| Task prompt |
Find and return every line of the data that contains the word "units".

== Recorded information ==

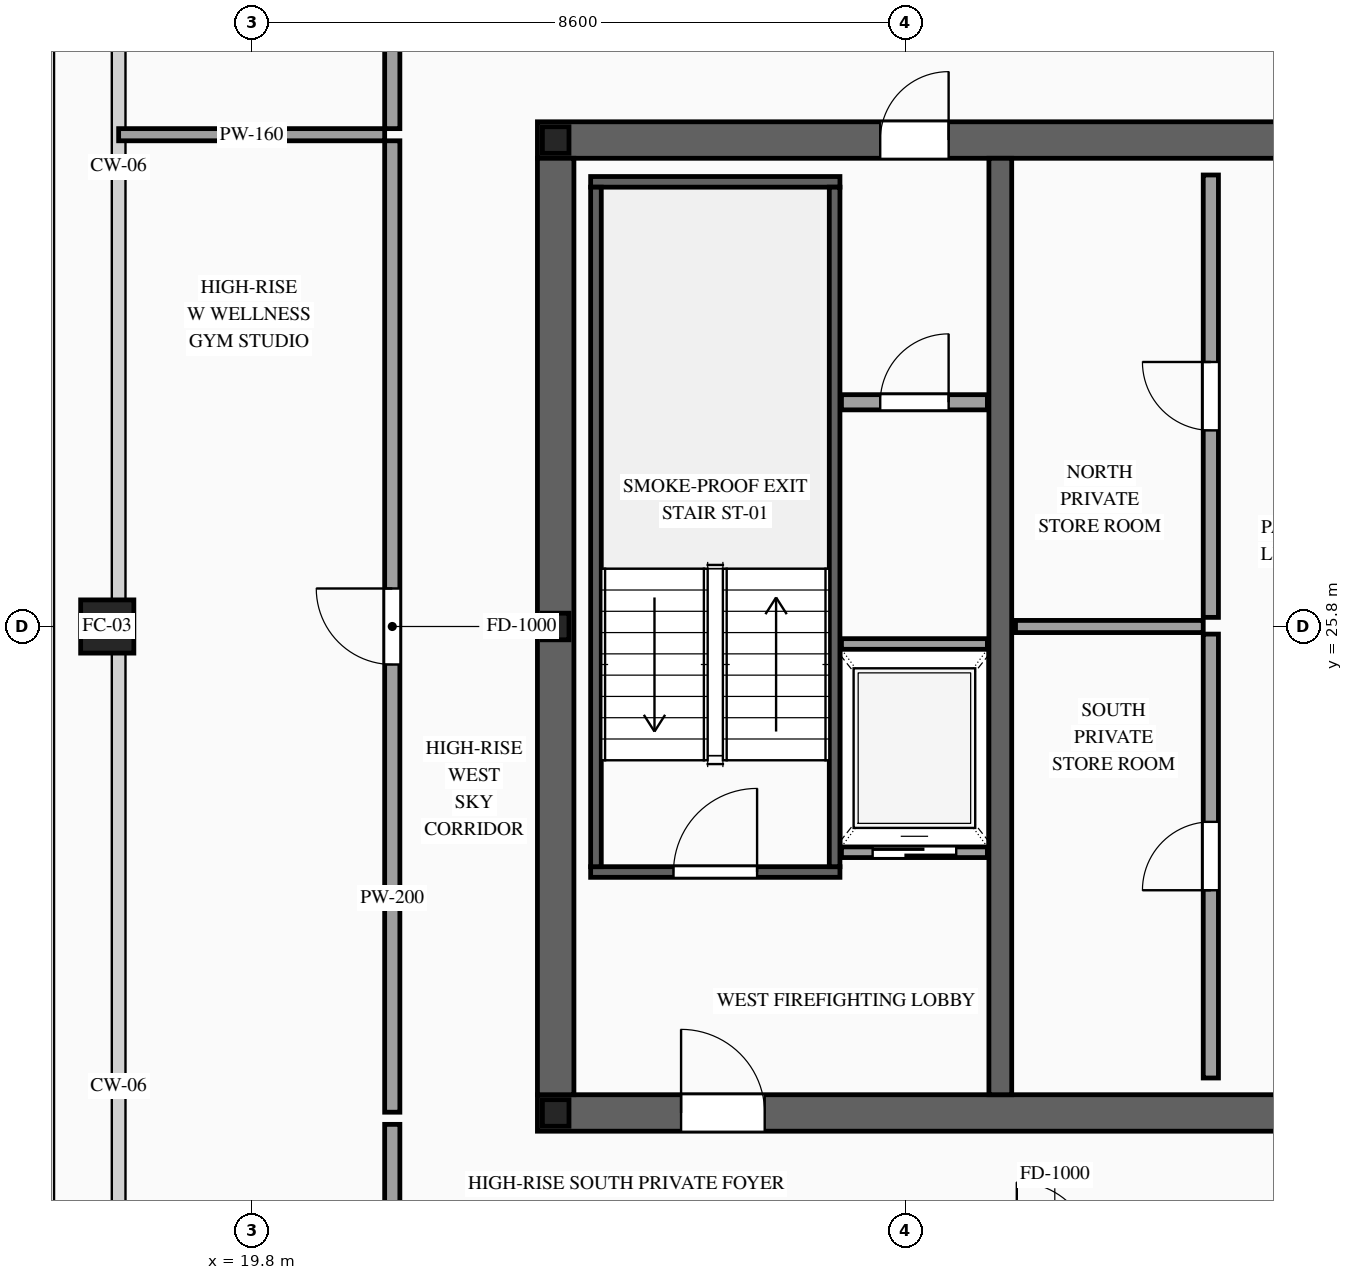
"""IFC4 building model, lengths in metres.
Left out: names, types, materials, properties, quantities, classifications, styles, units other than length and angle.
Written with IfcOpenShell. Run it as: python <this file> out.ifc"""

import sys

from ifc_helpers import new_model, si_unit, direction, frame, frame_2d, origin, origin_2d, place, context, subcontext, project, spatial, rectangle, hollow_rectangle, i_section, extrude, source, transform, mapped, element, fill, save


model = new_model("IFC4")
c1 = context("Model", 3, precision=1e-05, world=origin(), true_north=direction((0.0, 1.0)))
c2 = subcontext(c1, "Body", "Model", "MODEL_VIEW")
j1 = project(units=[si_unit("LENGTHUNIT", "METRE"), si_unit("PLANEANGLEUNIT", "RADIAN")], contexts=[c1])
p1 = place(None, origin())
s1 = spatial("IfcSite", under=j1, at=p1, CompositionType="ELEMENT")
p2 = place(p1, origin())
s2 = spatial("IfcBuilding", under=s1, at=p2, CompositionType="ELEMENT")
p3 = place(p2, frame((0.0, 0.0, 296.1)))
s3 = spatial("IfcBuildingStorey", under=s2, at=p3, CompositionType="ELEMENT", Elevation=296.1)
p4 = place(p3, frame((23.56, 19.4, 0.0), z_axis=(0.0, 0.0, 1.0), x_axis=(1.0, 0.0, 0.0)))
e1 = element("IfcWall", 1, at=p4, inside=s3, PredefinedType="SHEAR", context=c2, shape_type="SweptSolid", body=[
    extrude(rectangle(XDim=26.88, YDim=0.48, at=frame_2d((13.44, 0.0))), origin(), (0.0, 0.0, 1.0), 3.5),
])
p5 = place(p4, frame((1.89, 0.0, 0.0)))
e2 = element("IfcOpeningElement", 2, at=p5, cuts=e1, PredefinedType="OPENING", context=c2, shape_type="SweptSolid", body=[
    extrude(rectangle(XDim=1.1, YDim=2.2, at=frame_2d((0.55, 1.1))), frame((0.0, 0.255, 0.0), z_axis=(0.0, -1.0, 0.0), x_axis=(1.0, 0.0, 0.0)), (0.0, 0.0, 1.0), 0.51),
])
p6 = place(p4, frame((9.79, 0.0, 0.0)))
e3 = element("IfcOpeningElement", 3, at=p6, cuts=e1, PredefinedType="OPENING", context=c2, shape_type="SweptSolid", body=[
    extrude(rectangle(XDim=1.1, YDim=2.2, at=frame_2d((0.55, 1.1))), frame((0.0, 0.255, 0.0), z_axis=(0.0, -1.0, 0.0), x_axis=(1.0, 0.0, 0.0)), (0.0, 0.0, 1.0), 0.51),
])
p7 = place(p4, frame((22.99, 0.0, 0.0)))
e4 = element("IfcOpeningElement", 4, at=p7, cuts=e1, PredefinedType="OPENING", context=c2, shape_type="SweptSolid", body=[
    extrude(rectangle(XDim=1.1, YDim=2.2, at=frame_2d((0.55, 1.1))), frame((0.0, 0.255, 0.0), z_axis=(0.0, -1.0, 0.0), x_axis=(1.0, 0.0, 0.0)), (0.0, 0.0, 1.0), 0.51),
])
p8 = place(p4, frame((19.61, 0.0, 0.0)))
e5 = element("IfcOpeningElement", 5, at=p8, cuts=e1, PredefinedType="OPENING", context=c2, shape_type="SweptSolid", body=[
    extrude(rectangle(XDim=0.9, YDim=2.15, at=frame_2d((0.45, 1.075))), frame((0.0, 0.255, 0.0), z_axis=(0.0, -1.0, 0.0), x_axis=(1.0, 0.0, 0.0)), (0.0, 0.0, 1.0), 0.51),
])
p9 = place(p4, frame((18.17, 0.0, 0.0)))
e6 = element("IfcOpeningElement", 6, at=p9, cuts=e1, PredefinedType="OPENING", context=c2, shape_type="SweptSolid", body=[
    extrude(rectangle(XDim=0.9, YDim=2.15, at=frame_2d((0.45, 1.075))), frame((0.0, 0.255, 0.0), z_axis=(0.0, -1.0, 0.0), x_axis=(1.0, 0.0, 0.0)), (0.0, 0.0, 1.0), 0.51),
])
p10 = place(p3, frame((23.56, 32.2, 0.0), z_axis=(0.0, 0.0, 1.0), x_axis=(1.0, 0.0, 0.0)))
e7 = element("IfcWall", 7, at=p10, inside=s3, PredefinedType="SHEAR", context=c2, shape_type="SweptSolid", body=[
    extrude(rectangle(XDim=26.88, YDim=0.48, at=frame_2d((13.44, 0.0))), origin(), (0.0, 0.0, 1.0), 3.5),
])
p11 = place(p10, frame((4.51, 0.0, 0.0)))
e8 = element("IfcOpeningElement", 8, at=p11, cuts=e7, PredefinedType="OPENING", context=c2, shape_type="SweptSolid", body=[
    extrude(rectangle(XDim=0.9, YDim=2.15, at=frame_2d((0.45, 1.075))), frame((0.0, 0.255, 0.0), z_axis=(0.0, -1.0, 0.0), x_axis=(1.0, 0.0, 0.0)), (0.0, 0.0, 1.0), 0.51),
])
p12 = place(p10, frame((9.79, 0.0, 0.0)))
e9 = element("IfcOpeningElement", 9, at=p12, cuts=e7, PredefinedType="OPENING", context=c2, shape_type="SweptSolid", body=[
    extrude(rectangle(XDim=1.1, YDim=2.2, at=frame_2d((0.55, 1.1))), frame((0.0, 0.255, 0.0), z_axis=(0.0, -1.0, 0.0), x_axis=(1.0, 0.0, 0.0)), (0.0, 0.0, 1.0), 0.51),
])
p13 = place(p10, frame((15.64, 0.0, 0.0)))
e10 = element("IfcOpeningElement", 10, at=p13, cuts=e7, PredefinedType="OPENING", context=c2, shape_type="SweptSolid", body=[
    extrude(rectangle(XDim=1.1, YDim=2.2, at=frame_2d((0.55, 1.1))), frame((0.0, 0.255, 0.0), z_axis=(0.0, -1.0, 0.0), x_axis=(1.0, 0.0, 0.0)), (0.0, 0.0, 1.0), 0.51),
])
p14 = place(p10, frame((18.74, 0.0, 0.0)))
e11 = element("IfcOpeningElement", 11, at=p14, cuts=e7, PredefinedType="OPENING", context=c2, shape_type="SweptSolid", body=[
    extrude(rectangle(XDim=1.1, YDim=2.2, at=frame_2d((0.55, 1.1))), frame((0.0, 0.255, 0.0), z_axis=(0.0, -1.0, 0.0), x_axis=(1.0, 0.0, 0.0)), (0.0, 0.0, 1.0), 0.51),
])
m1 = source(origin(), c2, "Body", "SweptSolid", [
    extrude(rectangle(XDim=12.32, YDim=0.48, at=frame_2d((6.16, 0.0))), origin(), (0.0, 0.0, 1.0), 3.5),
])
p15 = place(p3, frame((23.8, 19.64, 0.0), z_axis=(0.0, 0.0, 1.0), x_axis=(0.0, 1.0, 0.0)))
e12 = element("IfcWall", 12, at=p15, inside=s3, PredefinedType="SHEAR", context=c2, shape_type="MappedRepresentation", body=[
    mapped(m1, transform((0.0, 0.0, 0.0), scale=1.0)),
])
m2 = source(origin(), c2, "Body", "SweptSolid", [
    extrude(rectangle(XDim=12.32, YDim=0.3, at=frame_2d((6.16, 0.0))), origin(), (0.0, 0.0, 1.0), 3.5),
])
p16 = place(p3, frame((29.65, 19.64, 0.0), z_axis=(0.0, 0.0, 1.0), x_axis=(0.0, 1.0, 0.0)))
e13 = element("IfcWall", 13, at=p16, inside=s3, PredefinedType="SOLIDWALL", context=c2, shape_type="MappedRepresentation", body=[
    mapped(m2, transform((0.0, 0.0, 0.0), scale=1.0)),
])
m3 = source(origin(), c2, "Body", "SweptSolid", [
    extrude(i_section(OverallWidth=0.35, OverallDepth=0.35, WebThickness=0.012, FlangeThickness=0.019, at=origin_2d()), origin(), (0.0, 0.0, 1.0), 3.5),
])
for number, where, z_axis, x_axis in (
    (14, (23.8, 19.4, 0.0), (0.0, 0.0, 1.0), (1.0, 0.0, 0.0)),
    (15, (23.8, 25.8, 0.0), (0.0, 0.0, 1.0), (1.0, 0.0, 0.0)),
    (16, (23.8, 32.2, 0.0), (0.0, 0.0, 1.0), (1.0, 0.0, 0.0)),
):
    element("IfcColumn", number, at=place(p3, frame(where, z_axis=z_axis, x_axis=x_axis)), inside=s3, PredefinedType="COLUMN", context=c2, shape_type="MappedRepresentation", body=[
        mapped(m3, transform((0.0, 0.0, 0.0), scale=1.0)),
    ])
m4 = source(origin(), c2, "Body", "SweptSolid", [
    extrude(hollow_rectangle(XDim=0.7, YDim=0.7, WallThickness=0.032, at=origin_2d()), origin(), (0.0, 0.0, 1.0), 3.5),
])
p17 = place(p3, frame((17.9, 25.8, 0.0), z_axis=(0.0, 0.0, 1.0), x_axis=(1.0, 0.0, 0.0)))
e17 = element("IfcColumn", 17, at=p17, inside=s3, PredefinedType="COLUMN", context=c2, shape_type="MappedRepresentation", body=[
    mapped(m4, transform((0.0, 0.0, 0.0), scale=1.0)),
])
p18 = place(p3, frame((27.56, 22.83, 0.0), z_axis=(0.0, 0.0, 1.0), x_axis=(1.0, 0.0, 0.0)))
e18 = element("IfcWall", 18, at=p18, inside=s3, PredefinedType="SOLIDWALL", context=c2, shape_type="SweptSolid", body=[
    extrude(rectangle(XDim=1.92, YDim=0.14, at=frame_2d((0.96, 0.0))), origin(), (0.0, 0.0, 1.0), 3.28),
])
p19 = place(p18, frame((0.41, 0.0, 0.0)))
e19 = element("IfcOpeningElement", 19, at=p19, cuts=e18, PredefinedType="OPENING", context=c2, shape_type="SweptSolid", body=[
    extrude(rectangle(XDim=1.1, YDim=2.2, at=frame_2d((0.55, 1.1))), frame((0.0, 0.085, 0.0), z_axis=(0.0, -1.0, 0.0), x_axis=(1.0, 0.0, 0.0)), (0.0, 0.0, 1.0), 0.17),
])
m5 = source(origin(), c2, "Body", "SweptSolid", [
    extrude(rectangle(XDim=1.92, YDim=0.14, at=frame_2d((0.96, 0.0))), origin(), (0.0, 0.0, 1.0), 3.28),
])
p20 = place(p3, frame((27.56, 25.57, 0.0), z_axis=(0.0, 0.0, 1.0), x_axis=(1.0, 0.0, 0.0)))
e20 = element("IfcWall", 20, at=p20, inside=s3, PredefinedType="SOLIDWALL", context=c2, shape_type="MappedRepresentation", body=[
    mapped(m5, transform((0.0, 0.0, 0.0), scale=1.0)),
])
p21 = place(p3, frame((24.26, 22.57, 0.0), z_axis=(0.0, 0.0, 1.0), x_axis=(1.0, 0.0, 0.0)))
e21 = element("IfcWall", 21, at=p21, inside=s3, PredefinedType="SOLIDWALL", context=c2, shape_type="SweptSolid", body=[
    extrude(rectangle(XDim=3.28, YDim=0.14, at=frame_2d((1.64, 0.0))), origin(), (0.0, 0.0, 1.0), 3.28),
])
p22 = place(p21, frame((1.09, 0.0, 0.0)))
e22 = element("IfcOpeningElement", 22, at=p22, cuts=e21, PredefinedType="OPENING", context=c2, shape_type="SweptSolid", body=[
    extrude(rectangle(XDim=1.1, YDim=2.2, at=frame_2d((0.55, 1.1))), frame((0.0, 0.085, 0.0), z_axis=(0.0, -1.0, 0.0), x_axis=(1.0, 0.0, 0.0)), (0.0, 0.0, 1.0), 0.17),
])
m6 = source(origin(), c2, "Body", "SweptSolid", [
    extrude(rectangle(XDim=3.28, YDim=0.14, at=frame_2d((1.64, 0.0))), origin(), (0.0, 0.0, 1.0), 3.28),
])
p23 = place(p3, frame((24.26, 31.65, 0.0), z_axis=(0.0, 0.0, 1.0), x_axis=(1.0, 0.0, 0.0)))
e23 = element("IfcWall", 23, at=p23, inside=s3, PredefinedType="SOLIDWALL", context=c2, shape_type="MappedRepresentation", body=[
    mapped(m6, transform((0.0, 0.0, 0.0), scale=1.0)),
])
m7 = source(origin(), c2, "Body", "SweptSolid", [
    extrude(rectangle(XDim=8.94, YDim=0.14, at=frame_2d((4.47, 0.0))), origin(), (0.0, 0.0, 1.0), 3.28),
])
for number, where, z_axis, x_axis in (
    (24, (24.33, 22.64, 0.0), (0.0, 0.0, 1.0), (0.0, 1.0, 0.0)),
    (25, (27.47, 22.64, 0.0), (0.0, 0.0, 1.0), (0.0, 1.0, 0.0)),
):
    element("IfcWall", number, at=place(p3, frame(where, z_axis=z_axis, x_axis=x_axis)), inside=s3, PredefinedType="SOLIDWALL", context=c2, shape_type="MappedRepresentation", body=[
        mapped(m7, transform((0.0, 0.0, 0.0), scale=1.0)),
    ])
p24 = place(p3, frame((27.56, 28.75, 0.0), z_axis=(0.0, 0.0, 1.0), x_axis=(1.0, 0.0, 0.0)))
e26 = element("IfcWall", 26, at=p24, inside=s3, PredefinedType="PARTITIONING", context=c2, shape_type="SweptSolid", body=[
    extrude(rectangle(XDim=1.92, YDim=0.2, at=frame_2d((0.96, 0.0))), origin(), (0.0, 0.0, 1.0), 3.28),
])
p25 = place(p24, frame((0.51, 0.0, 0.0)))
e27 = element("IfcOpeningElement", 27, at=p25, cuts=e26, PredefinedType="OPENING", context=c2, shape_type="SweptSolid", body=[
    extrude(rectangle(XDim=0.9, YDim=2.15, at=frame_2d((0.45, 1.075))), frame((0.0, 0.115, 0.0), z_axis=(0.0, -1.0, 0.0), x_axis=(1.0, 0.0, 0.0)), (0.0, 0.0, 1.0), 0.23),
])
p26 = place(p3, frame((32.42, 19.86, 0.0), z_axis=(0.0, 0.0, 1.0), x_axis=(0.0, 1.0, 0.0)))
e28 = element("IfcWall", 28, at=p26, inside=s3, PredefinedType="PARTITIONING", context=c2, shape_type="SweptSolid", body=[
    extrude(rectangle(XDim=5.84, YDim=0.2, at=frame_2d((2.92, 0.0))), origin(), (0.0, 0.0, 1.0), 3.28),
])
p27 = place(p26, frame((2.47, 0.0, 0.0)))
e29 = element("IfcOpeningElement", 29, at=p27, cuts=e28, PredefinedType="OPENING", context=c2, shape_type="SweptSolid", body=[
    extrude(rectangle(XDim=0.9, YDim=2.15, at=frame_2d((0.45, 1.075))), frame((0.0, 0.115, 0.0), z_axis=(0.0, -1.0, 0.0), x_axis=(1.0, 0.0, 0.0)), (0.0, 0.0, 1.0), 0.23),
])
p28 = place(p3, frame((32.42, 25.92, 0.0), z_axis=(0.0, 0.0, 1.0), x_axis=(0.0, 1.0, 0.0)))
e30 = element("IfcWall", 30, at=p28, inside=s3, PredefinedType="PARTITIONING", context=c2, shape_type="SweptSolid", body=[
    extrude(rectangle(XDim=5.82, YDim=0.2, at=frame_2d((2.91, 0.0))), origin(), (0.0, 0.0, 1.0), 3.28),
])
p29 = place(p28, frame((2.46, 0.0, 0.0)))
e31 = element("IfcOpeningElement", 31, at=p29, cuts=e30, PredefinedType="OPENING", context=c2, shape_type="SweptSolid", body=[
    extrude(rectangle(XDim=0.9, YDim=2.15, at=frame_2d((0.45, 1.075))), frame((0.0, 0.115, 0.0), z_axis=(0.0, -1.0, 0.0), x_axis=(1.0, 0.0, 0.0)), (0.0, 0.0, 1.0), 0.23),
])
m8 = source(origin(), c2, "Body", "SweptSolid", [
    extrude(rectangle(XDim=2.47, YDim=0.16, at=frame_2d((1.235, 0.0))), origin(), (0.0, 0.0, 1.0), 3.28),
])
p30 = place(p3, frame((29.85, 25.8, 0.0), z_axis=(0.0, 0.0, 1.0), x_axis=(1.0, 0.0, 0.0)))
e32 = element("IfcWall", 32, at=p30, inside=s3, PredefinedType="PARTITIONING", context=c2, shape_type="MappedRepresentation", body=[
    mapped(m8, transform((0.0, 0.0, 0.0), scale=1.0)),
])
m9 = source(origin(), c2, "Body", "SweptSolid", [
    extrude(rectangle(XDim=1.7, YDim=0.2, at=frame_2d((0.85, 0.0))), origin(), (0.0, 0.0, 1.0), 3.28),
])
for number, where, z_axis, x_axis in (
    (33, (21.65, 32.35, 0.0), (0.0, 0.0, 1.0), (0.0, 1.0, 0.0)),
    (34, (21.65, 17.55, 0.0), (0.0, 0.0, 1.0), (0.0, 1.0, 0.0)),
):
    element("IfcWall", number, at=place(p3, frame(where, z_axis=z_axis, x_axis=x_axis)), inside=s3, PredefinedType="PARTITIONING", context=c2, shape_type="MappedRepresentation", body=[
        mapped(m9, transform((0.0, 0.0, 0.0), scale=1.0)),
    ])
p31 = place(p3, frame((21.65, 19.41, 0.0), z_axis=(0.0, 0.0, 1.0), x_axis=(0.0, 1.0, 0.0)))
e35 = element("IfcWall", 35, at=p31, inside=s3, PredefinedType="PARTITIONING", context=c2, shape_type="SweptSolid", body=[
    extrude(rectangle(XDim=12.78, YDim=0.2, at=frame_2d((6.39, 0.0))), origin(), (0.0, 0.0, 1.0), 3.28),
])
p32 = place(p31, frame((5.89, 0.0, 0.0)))
e36 = element("IfcOpeningElement", 36, at=p32, cuts=e35, PredefinedType="OPENING", context=c2, shape_type="SweptSolid", body=[
    extrude(rectangle(XDim=1.0, YDim=2.2, at=frame_2d((0.5, 1.1))), frame((0.0, 0.115, 0.0), z_axis=(0.0, -1.0, 0.0), x_axis=(1.0, 0.0, 0.0)), (0.0, 0.0, 1.0), 0.23),
])
m10 = source(origin(), c2, "Body", "SweptSolid", [
    extrude(rectangle(XDim=3.5, YDim=0.16, at=frame_2d((1.75, 0.0))), origin(), (0.0, 0.0, 1.0), 2.825),
])
p33 = place(p3, frame((18.05, 32.27, 0.0), z_axis=(0.0, 0.0, 1.0), x_axis=(1.0, 0.0, 0.0)))
e37 = element("IfcWall", 37, at=p33, inside=s3, PredefinedType="PARTITIONING", context=c2, shape_type="MappedRepresentation", body=[
    mapped(m10, transform((0.0, 0.0, 0.0), scale=1.0)),
])
m11 = source(origin(), c2, "Body", "SweptSolid", [
    extrude(rectangle(XDim=1.1, YDim=2.2, at=frame_2d((0.55, 1.1))), frame((0.0, 0.025, 0.0), z_axis=(0.0, -1.0, 0.0), x_axis=(1.0, 0.0, 0.0)), (0.0, 0.0, 1.0), 0.05),
])
p34 = place(p19, origin())
e38 = element("IfcDoor", 38, at=p34, inside=s3, OperationType="SLIDING_TO_LEFT", PredefinedType="DOOR", context=c2, shape_type="MappedRepresentation", body=[
    mapped(m11, transform((0.0, 0.0, 0.0), scale=1.0)),
])
fill(e19, e38)
m12 = source(origin(), c2, "Body", "SweptSolid", [
    extrude(rectangle(XDim=1.1, YDim=2.2, at=frame_2d((0.55, 1.1))), frame((0.0, 0.025, 0.0), z_axis=(0.0, -1.0, 0.0), x_axis=(1.0, 0.0, 0.0)), (0.0, 0.0, 1.0), 0.05),
])
p35 = place(p22, origin())
e39 = element("IfcDoor", 39, at=p35, inside=s3, OperationType="SINGLE_SWING_RIGHT", PredefinedType="DOOR", context=c2, shape_type="MappedRepresentation", body=[
    mapped(m12, transform((0.0, 0.0, 0.0), scale=1.0)),
])
fill(e22, e39)
p36 = place(p5, origin())
e40 = element("IfcDoor", 40, at=p36, inside=s3, OperationType="SINGLE_SWING_LEFT", PredefinedType="DOOR", context=c2, shape_type="MappedRepresentation", body=[
    mapped(m12, transform((0.0, 0.0, 0.0), scale=1.0)),
])
fill(e2, e40)
m13 = source(origin(), c2, "Body", "SweptSolid", [
    extrude(rectangle(XDim=0.9, YDim=2.15, at=frame_2d((0.45, 1.075))), frame((0.0, 0.025, 0.0), z_axis=(0.0, -1.0, 0.0), x_axis=(1.0, 0.0, 0.0)), (0.0, 0.0, 1.0), 0.05),
])
p37 = place(p11, origin())
e41 = element("IfcDoor", 41, at=p37, inside=s3, OperationType="SINGLE_SWING_RIGHT", PredefinedType="DOOR", context=c2, shape_type="MappedRepresentation", body=[
    mapped(m13, transform((0.0, 0.0, 0.0), scale=1.0)),
])
fill(e8, e41)
p38 = place(p25, origin())
e42 = element("IfcDoor", 42, at=p38, inside=s3, OperationType="SINGLE_SWING_RIGHT", PredefinedType="DOOR", context=c2, shape_type="MappedRepresentation", body=[
    mapped(m13, transform((0.0, 0.0, 0.0), scale=1.0)),
])
fill(e27, e42)
p39 = place(p27, origin())
e43 = element("IfcDoor", 43, at=p39, inside=s3, OperationType="SINGLE_SWING_LEFT", PredefinedType="DOOR", context=c2, shape_type="MappedRepresentation", body=[
    mapped(m13, transform((0.0, 0.0, 0.0), scale=1.0)),
])
fill(e29, e43)
p40 = place(p29, origin())
e44 = element("IfcDoor", 44, at=p40, inside=s3, OperationType="SINGLE_SWING_RIGHT", PredefinedType="DOOR", context=c2, shape_type="MappedRepresentation", body=[
    mapped(m13, transform((0.0, 0.0, 0.0), scale=1.0)),
])
fill(e31, e44)
m14 = source(origin(), c2, "Body", "SweptSolid", [
    extrude(rectangle(XDim=1.0, YDim=2.2, at=frame_2d((0.5, 1.1))), frame((0.0, 0.025, 0.0), z_axis=(0.0, -1.0, 0.0), x_axis=(1.0, 0.0, 0.0)), (0.0, 0.0, 1.0), 0.05),
])
p41 = place(p32, origin())
e45 = element("IfcDoor", 45, at=p41, inside=s3, OperationType="SINGLE_SWING_RIGHT", PredefinedType="DOOR", context=c2, shape_type="MappedRepresentation", body=[
    mapped(m14, transform((0.0, 0.0, 0.0), scale=1.0)),
])
fill(e36, e45)
save(model, sys.argv[1])

===

| Exercise result |
Left out: names, types, materials, properties, quantities, classifications, styles, units other than length and angle.
j1 = project(units=[si_unit("LENGTHUNIT", "METRE"), si_unit("PLANEANGLEUNIT", "RADIAN")], contexts=[c1])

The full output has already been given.